Items from a dataset:
= Beginning of Section =

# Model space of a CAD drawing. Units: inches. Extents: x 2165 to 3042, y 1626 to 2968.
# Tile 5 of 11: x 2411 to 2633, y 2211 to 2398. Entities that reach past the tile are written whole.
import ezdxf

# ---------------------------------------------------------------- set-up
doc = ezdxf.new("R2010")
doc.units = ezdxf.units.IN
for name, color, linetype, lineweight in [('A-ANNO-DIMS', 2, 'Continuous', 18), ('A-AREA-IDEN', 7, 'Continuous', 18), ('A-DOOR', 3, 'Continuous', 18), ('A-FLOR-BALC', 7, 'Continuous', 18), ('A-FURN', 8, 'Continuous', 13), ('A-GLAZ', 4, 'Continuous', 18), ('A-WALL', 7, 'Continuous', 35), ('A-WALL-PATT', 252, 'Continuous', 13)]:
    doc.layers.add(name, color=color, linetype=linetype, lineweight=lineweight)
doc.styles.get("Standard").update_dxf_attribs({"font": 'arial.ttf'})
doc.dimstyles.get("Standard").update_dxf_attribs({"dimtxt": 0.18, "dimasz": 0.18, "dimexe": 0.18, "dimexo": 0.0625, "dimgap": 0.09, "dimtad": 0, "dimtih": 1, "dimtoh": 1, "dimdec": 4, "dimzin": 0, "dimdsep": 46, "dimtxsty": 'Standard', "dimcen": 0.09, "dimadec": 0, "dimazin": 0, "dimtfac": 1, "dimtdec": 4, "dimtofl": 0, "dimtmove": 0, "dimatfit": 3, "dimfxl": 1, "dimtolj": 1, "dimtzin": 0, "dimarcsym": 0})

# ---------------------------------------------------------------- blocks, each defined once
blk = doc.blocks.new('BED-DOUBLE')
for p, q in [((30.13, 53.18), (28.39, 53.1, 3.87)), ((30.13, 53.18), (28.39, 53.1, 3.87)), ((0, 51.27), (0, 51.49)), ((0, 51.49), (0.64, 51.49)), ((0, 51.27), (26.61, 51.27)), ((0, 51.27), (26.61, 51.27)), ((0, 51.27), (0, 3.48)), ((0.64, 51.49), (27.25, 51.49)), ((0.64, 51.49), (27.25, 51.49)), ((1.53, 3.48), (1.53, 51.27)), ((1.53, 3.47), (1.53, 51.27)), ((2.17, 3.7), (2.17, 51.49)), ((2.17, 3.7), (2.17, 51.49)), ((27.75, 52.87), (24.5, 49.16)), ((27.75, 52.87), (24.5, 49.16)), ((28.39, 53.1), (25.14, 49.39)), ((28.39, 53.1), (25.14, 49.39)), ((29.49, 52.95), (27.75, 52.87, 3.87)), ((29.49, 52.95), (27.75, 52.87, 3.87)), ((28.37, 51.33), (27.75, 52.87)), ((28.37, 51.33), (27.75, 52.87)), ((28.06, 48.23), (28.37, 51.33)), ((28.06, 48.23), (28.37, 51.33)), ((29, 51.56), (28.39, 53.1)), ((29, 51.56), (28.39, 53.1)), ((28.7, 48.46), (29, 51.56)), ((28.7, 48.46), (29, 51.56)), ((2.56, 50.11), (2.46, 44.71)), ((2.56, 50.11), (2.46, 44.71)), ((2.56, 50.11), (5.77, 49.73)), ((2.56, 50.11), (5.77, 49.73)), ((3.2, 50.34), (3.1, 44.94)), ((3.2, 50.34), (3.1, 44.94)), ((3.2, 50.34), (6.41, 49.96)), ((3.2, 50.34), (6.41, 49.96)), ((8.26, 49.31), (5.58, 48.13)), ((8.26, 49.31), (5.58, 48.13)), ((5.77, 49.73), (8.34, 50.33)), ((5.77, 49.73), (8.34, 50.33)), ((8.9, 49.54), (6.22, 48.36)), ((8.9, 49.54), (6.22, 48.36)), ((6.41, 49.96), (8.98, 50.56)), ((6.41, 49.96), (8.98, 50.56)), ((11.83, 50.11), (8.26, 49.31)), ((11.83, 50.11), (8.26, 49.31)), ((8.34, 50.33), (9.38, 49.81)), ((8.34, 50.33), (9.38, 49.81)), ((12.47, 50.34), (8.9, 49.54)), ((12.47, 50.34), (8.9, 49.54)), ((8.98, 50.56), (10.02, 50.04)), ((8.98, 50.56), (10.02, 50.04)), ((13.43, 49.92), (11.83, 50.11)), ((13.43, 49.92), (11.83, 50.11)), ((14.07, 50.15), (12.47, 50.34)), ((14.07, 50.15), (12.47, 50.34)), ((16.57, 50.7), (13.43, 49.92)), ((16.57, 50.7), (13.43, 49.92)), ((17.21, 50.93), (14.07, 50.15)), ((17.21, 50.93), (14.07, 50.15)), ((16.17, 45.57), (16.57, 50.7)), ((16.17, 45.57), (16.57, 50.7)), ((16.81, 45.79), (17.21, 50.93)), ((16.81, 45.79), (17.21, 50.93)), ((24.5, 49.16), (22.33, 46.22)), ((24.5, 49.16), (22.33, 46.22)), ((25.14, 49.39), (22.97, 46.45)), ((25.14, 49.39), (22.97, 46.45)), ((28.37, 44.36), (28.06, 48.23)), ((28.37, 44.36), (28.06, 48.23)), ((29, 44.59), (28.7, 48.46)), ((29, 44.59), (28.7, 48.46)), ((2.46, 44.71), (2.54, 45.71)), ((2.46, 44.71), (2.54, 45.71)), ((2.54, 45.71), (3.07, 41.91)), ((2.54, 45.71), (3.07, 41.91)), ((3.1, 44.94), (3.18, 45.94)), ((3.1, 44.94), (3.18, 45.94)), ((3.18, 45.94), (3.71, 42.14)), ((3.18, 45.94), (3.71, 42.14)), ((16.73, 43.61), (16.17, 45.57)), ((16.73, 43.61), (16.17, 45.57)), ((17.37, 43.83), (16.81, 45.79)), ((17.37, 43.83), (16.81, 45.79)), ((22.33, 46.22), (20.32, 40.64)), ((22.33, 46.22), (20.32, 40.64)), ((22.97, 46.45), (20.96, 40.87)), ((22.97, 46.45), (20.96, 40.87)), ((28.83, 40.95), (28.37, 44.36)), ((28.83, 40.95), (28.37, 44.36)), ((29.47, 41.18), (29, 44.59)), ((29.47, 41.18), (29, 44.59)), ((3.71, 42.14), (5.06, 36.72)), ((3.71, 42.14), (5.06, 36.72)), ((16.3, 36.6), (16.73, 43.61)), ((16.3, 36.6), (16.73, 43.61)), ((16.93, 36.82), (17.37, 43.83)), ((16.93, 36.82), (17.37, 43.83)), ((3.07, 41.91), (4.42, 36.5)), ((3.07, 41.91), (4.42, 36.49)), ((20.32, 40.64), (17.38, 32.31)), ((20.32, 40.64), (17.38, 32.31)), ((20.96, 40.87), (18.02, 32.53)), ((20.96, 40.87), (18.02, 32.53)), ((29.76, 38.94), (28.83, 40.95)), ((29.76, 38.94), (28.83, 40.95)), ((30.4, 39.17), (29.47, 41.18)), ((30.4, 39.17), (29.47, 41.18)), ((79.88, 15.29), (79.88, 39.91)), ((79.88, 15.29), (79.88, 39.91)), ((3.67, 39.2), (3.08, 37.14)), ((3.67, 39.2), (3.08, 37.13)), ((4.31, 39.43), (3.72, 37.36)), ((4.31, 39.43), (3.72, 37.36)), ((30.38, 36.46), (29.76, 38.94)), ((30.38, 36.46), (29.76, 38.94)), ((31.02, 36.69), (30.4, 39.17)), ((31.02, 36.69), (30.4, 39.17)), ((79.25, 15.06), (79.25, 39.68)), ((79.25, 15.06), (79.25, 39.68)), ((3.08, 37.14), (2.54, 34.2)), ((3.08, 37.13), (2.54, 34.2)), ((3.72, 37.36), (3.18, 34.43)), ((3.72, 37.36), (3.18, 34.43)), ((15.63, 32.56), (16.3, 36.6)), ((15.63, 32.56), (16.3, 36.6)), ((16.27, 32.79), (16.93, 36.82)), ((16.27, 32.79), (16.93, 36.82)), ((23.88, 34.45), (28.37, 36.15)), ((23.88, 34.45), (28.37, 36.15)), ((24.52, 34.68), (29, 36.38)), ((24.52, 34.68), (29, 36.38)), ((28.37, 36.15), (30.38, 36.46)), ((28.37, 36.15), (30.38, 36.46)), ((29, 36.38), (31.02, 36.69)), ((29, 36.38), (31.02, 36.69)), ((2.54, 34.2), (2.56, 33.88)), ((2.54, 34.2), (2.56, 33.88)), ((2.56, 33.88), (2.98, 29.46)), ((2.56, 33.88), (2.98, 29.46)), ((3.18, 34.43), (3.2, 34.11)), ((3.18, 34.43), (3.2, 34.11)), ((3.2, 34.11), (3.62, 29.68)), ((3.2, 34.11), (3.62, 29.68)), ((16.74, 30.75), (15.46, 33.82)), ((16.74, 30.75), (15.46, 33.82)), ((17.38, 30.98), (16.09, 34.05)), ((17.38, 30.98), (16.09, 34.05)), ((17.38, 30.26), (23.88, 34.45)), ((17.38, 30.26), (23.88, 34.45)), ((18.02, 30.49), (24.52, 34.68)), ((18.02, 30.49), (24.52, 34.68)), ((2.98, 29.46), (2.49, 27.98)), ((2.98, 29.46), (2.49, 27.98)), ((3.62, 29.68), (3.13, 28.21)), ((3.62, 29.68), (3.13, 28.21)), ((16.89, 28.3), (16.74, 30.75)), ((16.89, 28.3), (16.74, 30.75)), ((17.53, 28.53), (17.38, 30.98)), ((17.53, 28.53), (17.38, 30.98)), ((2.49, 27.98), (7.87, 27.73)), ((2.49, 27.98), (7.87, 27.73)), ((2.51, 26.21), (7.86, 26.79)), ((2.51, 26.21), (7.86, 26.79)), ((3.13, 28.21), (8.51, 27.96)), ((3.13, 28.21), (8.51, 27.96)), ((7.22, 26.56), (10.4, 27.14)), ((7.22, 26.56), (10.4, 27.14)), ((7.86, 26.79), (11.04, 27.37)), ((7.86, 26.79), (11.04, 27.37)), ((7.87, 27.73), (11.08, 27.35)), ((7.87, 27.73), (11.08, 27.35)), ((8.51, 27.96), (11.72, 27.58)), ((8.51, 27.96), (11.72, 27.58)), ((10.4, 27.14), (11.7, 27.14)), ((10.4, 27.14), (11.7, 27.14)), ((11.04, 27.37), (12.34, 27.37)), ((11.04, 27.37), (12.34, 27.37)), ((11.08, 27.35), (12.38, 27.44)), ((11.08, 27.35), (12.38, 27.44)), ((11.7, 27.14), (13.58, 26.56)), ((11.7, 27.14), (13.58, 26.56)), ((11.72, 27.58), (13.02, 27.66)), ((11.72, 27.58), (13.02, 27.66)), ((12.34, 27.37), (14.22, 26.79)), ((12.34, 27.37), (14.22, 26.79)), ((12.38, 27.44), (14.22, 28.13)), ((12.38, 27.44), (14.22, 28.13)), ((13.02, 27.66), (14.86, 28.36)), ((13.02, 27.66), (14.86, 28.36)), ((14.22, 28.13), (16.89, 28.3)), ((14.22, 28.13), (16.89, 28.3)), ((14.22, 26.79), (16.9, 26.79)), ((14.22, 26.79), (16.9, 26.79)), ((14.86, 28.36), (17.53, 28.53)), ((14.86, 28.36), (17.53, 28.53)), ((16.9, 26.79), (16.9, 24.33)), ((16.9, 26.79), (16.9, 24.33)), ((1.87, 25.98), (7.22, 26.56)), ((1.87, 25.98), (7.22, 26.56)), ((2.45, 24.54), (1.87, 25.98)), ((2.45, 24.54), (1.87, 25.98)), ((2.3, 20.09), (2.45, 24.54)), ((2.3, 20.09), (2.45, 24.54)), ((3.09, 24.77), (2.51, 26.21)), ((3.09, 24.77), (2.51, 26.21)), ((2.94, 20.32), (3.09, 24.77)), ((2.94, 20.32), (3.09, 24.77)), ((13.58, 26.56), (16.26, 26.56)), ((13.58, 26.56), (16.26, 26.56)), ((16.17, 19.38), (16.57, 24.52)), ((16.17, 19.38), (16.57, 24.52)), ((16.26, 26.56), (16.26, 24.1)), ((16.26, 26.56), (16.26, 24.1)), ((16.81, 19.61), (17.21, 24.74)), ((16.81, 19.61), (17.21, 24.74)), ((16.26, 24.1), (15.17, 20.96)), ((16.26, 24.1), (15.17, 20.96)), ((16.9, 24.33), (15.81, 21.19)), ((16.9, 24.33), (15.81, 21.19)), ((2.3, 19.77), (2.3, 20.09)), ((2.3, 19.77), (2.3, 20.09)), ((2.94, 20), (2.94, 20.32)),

= End of Section =

**What this task involves**
Looking at the records above, say how many lines hold the string "Standard". Write nothing but the number.

**Solution**
2